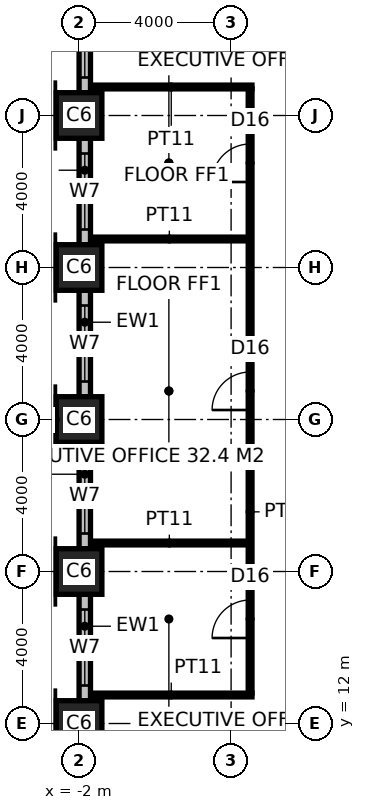
"""IFC4 building model, lengths in metres.
Left out: names, types, materials, properties, quantities, classifications, styles, units other than length and angle.
Written with IfcOpenShell. Run it as: python <this file> out.ifc"""

import sys

from ifc_helpers import new_model, si_unit, direction, frame, frame_2d, origin, origin_2d, place, context, subcontext, project, spatial, rectangle, hollow_rectangle, extrude, element, fill, save


model = new_model("IFC4")
c1 = context("Model", 3, precision=1e-05, world=origin(), true_north=direction((0.0, 1.0)))
c2 = subcontext(c1, "Body", "Model", "MODEL_VIEW")
j1 = project(units=[si_unit("LENGTHUNIT", "METRE"), si_unit("PLANEANGLEUNIT", "RADIAN")], contexts=[c1])
p1 = place(None, origin())
s1 = spatial("IfcSite", under=j1, at=p1, CompositionType="ELEMENT")
p2 = place(p1, origin())
s2 = spatial("IfcBuilding", under=s1, at=p2, CompositionType="ELEMENT")
p3 = place(p2, frame((0.0, 0.0, 39.0)))
s3 = spatial("IfcBuildingStorey", under=s2, at=p3, CompositionType="ELEMENT", Elevation=39.0)
for number, where, z_axis, x_axis in (
    (1, (-2.0, 12.0, 0.0), (0.0, 0.0, 1.0), (1.0, 0.0, 0.0)),
    (2, (-2.0, 16.0, 0.0), (0.0, 0.0, 1.0), (1.0, 0.0, 0.0)),
    (3, (-2.0, 20.0, 0.0), (0.0, 0.0, 1.0), (1.0, 0.0, 0.0)),
    (4, (-2.0, 24.0, 0.0), (0.0, 0.0, 1.0), (1.0, 0.0, 0.0)),
    (5, (-2.0, 28.0, 0.0), (0.0, 0.0, 1.0), (1.0, 0.0, 0.0)),
):
    element("IfcColumn", number, at=place(p3, frame(where, z_axis=z_axis, x_axis=x_axis)), inside=s3, PredefinedType="COLUMN", context=c2, shape_type="SweptSolid", body=[
        extrude(hollow_rectangle(XDim=1.2, YDim=1.2, WallThickness=0.125, at=origin_2d()), origin(), (0.0, 0.0, 1.0), 4.0),
    ])
p4 = place(p3, frame((-1.7, 12.75, 0.0), z_axis=(0.0, 0.0, 1.0), x_axis=(1.0, 0.0, 0.0)))
e6 = element("IfcWall", 6, at=p4, inside=s3, PredefinedType="PARTITIONING", context=c2, shape_type="SweptSolid", body=[
    extrude(rectangle(XDim=4.25, YDim=0.1, at=frame_2d((2.125, 0.0))), origin(), (0.0, 0.0, 1.0), 3.85),
])
for number, where, z_axis, x_axis in (
    (7, (-1.7, 16.75, 0.0), (0.0, 0.0, 1.0), (1.0, 0.0, 0.0)),
    (8, (-1.7, 24.75, 0.0), (0.0, 0.0, 1.0), (1.0, 0.0, 0.0)),
):
    element("IfcWall", number, at=place(p3, frame(where, z_axis=z_axis, x_axis=x_axis)), inside=s3, PredefinedType="PARTITIONING", context=c2, shape_type="SweptSolid", body=[
        extrude(rectangle(XDim=4.15, YDim=0.1, at=frame_2d((2.075, 0.0))), origin(), (0.0, 0.0, 1.0), 3.85),
    ])
p5 = place(p3, frame((-1.7, 28.75, 0.0), z_axis=(0.0, 0.0, 1.0), x_axis=(1.0, 0.0, 0.0)))
e9 = element("IfcWall", 9, at=p5, inside=s3, PredefinedType="PARTITIONING", context=c2, shape_type="SweptSolid", body=[
    extrude(rectangle(XDim=4.25, YDim=0.1, at=frame_2d((2.125, 0.0))), origin(), (0.0, 0.0, 1.0), 3.85),
])
p6 = place(p3, frame((2.5, 12.8, 0.0), z_axis=(0.0, 0.0, 1.0), x_axis=(0.0, 1.0, 0.0)))
e10 = element("IfcWall", 10, at=p6, inside=s3, PredefinedType="PARTITIONING", context=c2, shape_type="SweptSolid", body=[
    extrude(rectangle(XDim=15.9, YDim=0.1, at=frame_2d((7.95, 0.0))), origin(), (0.0, 0.0, 1.0), 2.65),
])
p7 = place(p6, frame((1.45, 0.0, 0.0)))
e11 = element("IfcOpeningElement", 11, at=p7, cuts=e10, PredefinedType="OPENING", context=c2, shape_type="SweptSolid", body=[
    extrude(rectangle(XDim=1.0, YDim=2.2, at=frame_2d((0.5, 1.1))), frame((0.0, 0.06, 0.0), z_axis=(0.0, -1.0, 0.0), x_axis=(1.0, 0.0, 0.0)), (0.0, 0.0, 1.0), 0.12),
])
p8 = place(p6, frame((7.45, 0.0, 0.0)))
e12 = element("IfcOpeningElement", 12, at=p8, cuts=e10, PredefinedType="OPENING", context=c2, shape_type="SweptSolid", body=[
    extrude(rectangle(XDim=1.0, YDim=2.2, at=frame_2d((0.5, 1.1))), frame((0.0, 0.06, 0.0), z_axis=(0.0, -1.0, 0.0), x_axis=(1.0, 0.0, 0.0)), (0.0, 0.0, 1.0), 0.12),
])
p9 = place(p6, frame((13.45, 0.0, 0.0)))
e13 = element("IfcOpeningElement", 13, at=p9, cuts=e10, PredefinedType="OPENING", context=c2, shape_type="SweptSolid", body=[
    extrude(rectangle(XDim=1.0, YDim=2.2, at=frame_2d((0.5, 1.1))), frame((0.0, 0.06, 0.0), z_axis=(0.0, -1.0, 0.0), x_axis=(1.0, 0.0, 0.0)), (0.0, 0.0, 1.0), 0.12),
])
p10 = place(p3, frame((-1.85, 15.4, 0.0), z_axis=(0.0, 0.0, 1.0), x_axis=(0.0, -1.0, 0.0)))
e14 = element("IfcWall", 14, at=p10, inside=s3, PredefinedType="ELEMENTEDWALL", context=c2, shape_type="SweptSolid", body=[
    extrude(rectangle(XDim=2.8, YDim=0.3, at=frame_2d((1.4, 0.0))), origin(), (0.0, 0.0, 1.0), 2.85),
])
p11 = place(p10, frame((0.4, 0.0, 0.8)))
e15 = element("IfcOpeningElement", 15, at=p11, cuts=e14, PredefinedType="OPENING", context=c2, shape_type="SweptSolid", body=[
    extrude(rectangle(XDim=2.0, YDim=1.8, at=frame_2d((1.0, 0.9))), frame((0.0, 0.16, 0.0), z_axis=(0.0, -1.0, 0.0), x_axis=(1.0, 0.0, 0.0)), (0.0, 0.0, 1.0), 0.32),
])
p12 = place(p3, frame((-1.85, 19.4, 0.0), z_axis=(0.0, 0.0, 1.0), x_axis=(0.0, -1.0, 0.0)))
e16 = element("IfcWall", 16, at=p12, inside=s3, PredefinedType="ELEMENTEDWALL", context=c2, shape_type="SweptSolid", body=[
    extrude(rectangle(XDim=2.8, YDim=0.3, at=frame_2d((1.4, 0.0))), origin(), (0.0, 0.0, 1.0), 2.85),
])
p13 = place(p12, frame((0.4, 0.0, 0.8)))
e17 = element("IfcOpeningElement", 17, at=p13, cuts=e16, PredefinedType="OPENING", context=c2, shape_type="SweptSolid", body=[
    extrude(rectangle(XDim=2.0, YDim=1.8, at=frame_2d((1.0, 0.9))), frame((0.0, 0.16, 0.0), z_axis=(0.0, -1.0, 0.0), x_axis=(1.0, 0.0, 0.0)), (0.0, 0.0, 1.0), 0.32),
])
p14 = place(p3, frame((-1.85, 23.4, 0.0), z_axis=(0.0, 0.0, 1.0), x_axis=(0.0, -1.0, 0.0)))
e18 = element("IfcWall", 18, at=p14, inside=s3, PredefinedType="ELEMENTEDWALL", context=c2, shape_type="SweptSolid", body=[
    extrude(rectangle(XDim=2.8, YDim=0.3, at=frame_2d((1.4, 0.0))), origin(), (0.0, 0.0, 1.0), 2.85),
])
p15 = place(p14, frame((0.4, 0.0, 0.8)))
e19 = element("IfcOpeningElement", 19, at=p15, cuts=e18, PredefinedType="OPENING", context=c2, shape_type="SweptSolid", body=[
    extrude(rectangle(XDim=2.0, YDim=1.8, at=frame_2d((1.0, 0.9))), frame((0.0, 0.16, 0.0), z_axis=(0.0, -1.0, 0.0), x_axis=(1.0, 0.0, 0.0)), (0.0, 0.0, 1.0), 0.32),
])
p16 = place(p3, frame((-1.85, 27.4, 0.0), z_axis=(0.0, 0.0, 1.0), x_axis=(0.0, -1.0, 0.0)))
e20 = element("IfcWall", 20, at=p16, inside=s3, PredefinedType="ELEMENTEDWALL", context=c2, shape_type="SweptSolid", body=[
    extrude(rectangle(XDim=2.8, YDim=0.3, at=frame_2d((1.4, 0.0))), origin(), (0.0, 0.0, 1.0), 2.85),
])
p17 = place(p16, frame((0.4, 0.0, 0.8)))
e21 = element("IfcOpeningElement", 21, at=p17, cuts=e20, PredefinedType="OPENING", context=c2, shape_type="SweptSolid", body=[
    extrude(rectangle(XDim=2.0, YDim=1.8, at=frame_2d((1.0, 0.9))), frame((0.0, 0.16, 0.0), z_axis=(0.0, -1.0, 0.0), x_axis=(1.0, 0.0, 0.0)), (0.0, 0.0, 1.0), 0.32),
])
p18 = place(p3, frame((-1.85, 31.4, 0.0), z_axis=(0.0, 0.0, 1.0), x_axis=(0.0, -1.0, 0.0)))
e22 = element("IfcWall", 22, at=p18, inside=s3, PredefinedType="ELEMENTEDWALL", context=c2, shape_type="SweptSolid", body=[
    extrude(rectangle(XDim=2.8, YDim=0.3, at=frame_2d((1.4, 0.0))), origin(), (0.0, 0.0, 1.0), 2.85),
])
p19 = place(p18, frame((0.4, 0.0, 0.8)))
e23 = element("IfcOpeningElement", 23, at=p19, cuts=e22, PredefinedType="OPENING", context=c2, shape_type="SweptSolid", body=[
    extrude(rectangle(XDim=2.0, YDim=1.8, at=frame_2d((1.0, 0.9))), frame((0.0, 0.16, 0.0), z_axis=(0.0, -1.0, 0.0), x_axis=(1.0, 0.0, 0.0)), (0.0, 0.0, 1.0), 0.32),
])
p20 = place(p7, origin())
e24 = element("IfcDoor", 24, at=p20, inside=s3, OperationType="SINGLE_SWING_LEFT", PredefinedType="DOOR", context=c2, shape_type="SweptSolid", body=[
    extrude(rectangle(XDim=1.0, YDim=2.2, at=frame_2d((0.5, 1.1))), frame((0.0, 0.025, 0.0), z_axis=(0.0, -1.0, 0.0), x_axis=(1.0, 0.0, 0.0)), (0.0, 0.0, 1.0), 0.05),
])
fill(e11, e24)
p21 = place(p8, origin())
e25 = element("IfcDoor", 25, at=p21, inside=s3, OperationType="SINGLE_SWING_LEFT", PredefinedType="DOOR", context=c2, shape_type="SweptSolid", body=[
    extrude(rectangle(XDim=1.0, YDim=2.2, at=frame_2d((0.5, 1.1))), frame((0.0, 0.025, 0.0), z_axis=(0.0, -1.0, 0.0), x_axis=(1.0, 0.0, 0.0)), (0.0, 0.0, 1.0), 0.05),
])
fill(e12, e25)
p22 = place(p9, origin())
e26 = element("IfcDoor", 26, at=p22, inside=s3, OperationType="SINGLE_SWING_LEFT", PredefinedType="DOOR", context=c2, shape_type="SweptSolid", body=[
    extrude(rectangle(XDim=1.0, YDim=2.2, at=frame_2d((0.5, 1.1))), frame((0.0, 0.025, 0.0), z_axis=(0.0, -1.0, 0.0), x_axis=(1.0, 0.0, 0.0)), (0.0, 0.0, 1.0), 0.05),
])
fill(e13, e26)
p23 = place(p11, origin())
e27 = element("IfcWindow", 27, at=p23, inside=s3, PartitioningType="SINGLE_PANEL", PredefinedType="WINDOW", context=c2, shape_type="SweptSolid", body=[
    extrude(rectangle(XDim=2.0, YDim=1.8, at=frame_2d((1.0, 0.9))), frame((0.0, 0.03, 0.0), z_axis=(0.0, -1.0, 0.0), x_axis=(1.0, 0.0, 0.0)), (0.0, 0.0, 1.0), 0.06),
])
fill(e15, e27)
p24 = place(p13, origin())
e28 = element("IfcWindow", 28, at=p24, inside=s3, PartitioningType="SINGLE_PANEL", PredefinedType="WINDOW", context=c2, shape_type="SweptSolid", body=[
    extrude(rectangle(XDim=2.0, YDim=1.8, at=frame_2d((1.0, 0.9))), frame((0.0, 0.03, 0.0), z_axis=(0.0, -1.0, 0.0), x_axis=(1.0, 0.0, 0.0)), (0.0, 0.0, 1.0), 0.06),
])
fill(e17, e28)
p25 = place(p15, origin())
e29 = element("IfcWindow", 29, at=p25, inside=s3, PartitioningType="SINGLE_PANEL", PredefinedType="WINDOW", context=c2, shape_type="SweptSolid", body=[
    extrude(rectangle(XDim=2.0, YDim=1.8, at=frame_2d((1.0, 0.9))), frame((0.0, 0.03, 0.0), z_axis=(0.0, -1.0, 0.0), x_axis=(1.0, 0.0, 0.0)), (0.0, 0.0, 1.0), 0.06),
])
fill(e19, e29)
p26 = place(p17, origin())
e30 = element("IfcWindow", 30, at=p26, inside=s3, PartitioningType="SINGLE_PANEL", PredefinedType="WINDOW", context=c2, shape_type="SweptSolid", body=[
    extrude(rectangle(XDim=2.0, YDim=1.8, at=frame_2d((1.0, 0.9))), frame((0.0, 0.03, 0.0), z_axis=(0.0, -1.0, 0.0), x_axis=(1.0, 0.0, 0.0)), (0.0, 0.0, 1.0), 0.06),
])
fill(e21, e30)
p27 = place(p19, origin())
e31 = element("IfcWindow", 31, at=p27, inside=s3, PartitioningType="SINGLE_PANEL", PredefinedType="WINDOW", context=c2, shape_type="SweptSolid", body=[
    extrude(rectangle(XDim=2.0, YDim=1.8, at=frame_2d((1.0, 0.9))), frame((0.0, 0.03, 0.0), z_axis=(0.0, -1.0, 0.0), x_axis=(1.0, 0.0, 0.0)), (0.0, 0.0, 1.0), 0.06),
])
fill(e23, e31)
save(model, sys.argv[1])
__________
*Work request*
Every line of the material that holds the word "OperationType" must be found and copied.

*Solution for this exercise*
e24 = element("IfcDoor", 24, at=p20, inside=s3, OperationType="SINGLE_SWING_LEFT", PredefinedType="DOOR", context=c2, shape_type="SweptSolid", body=[
e25 = element("IfcDoor", 25, at=p21, inside=s3, OperationType="SINGLE_SWING_LEFT", PredefinedType="DOOR", context=c2, shape_type="SweptSolid", body=[
e26 = element("IfcDoor", 26, at=p22, inside=s3, OperationType="SINGLE_SWING_LEFT", PredefinedType="DOOR", context=c2, shape_type="SweptSolid", body=[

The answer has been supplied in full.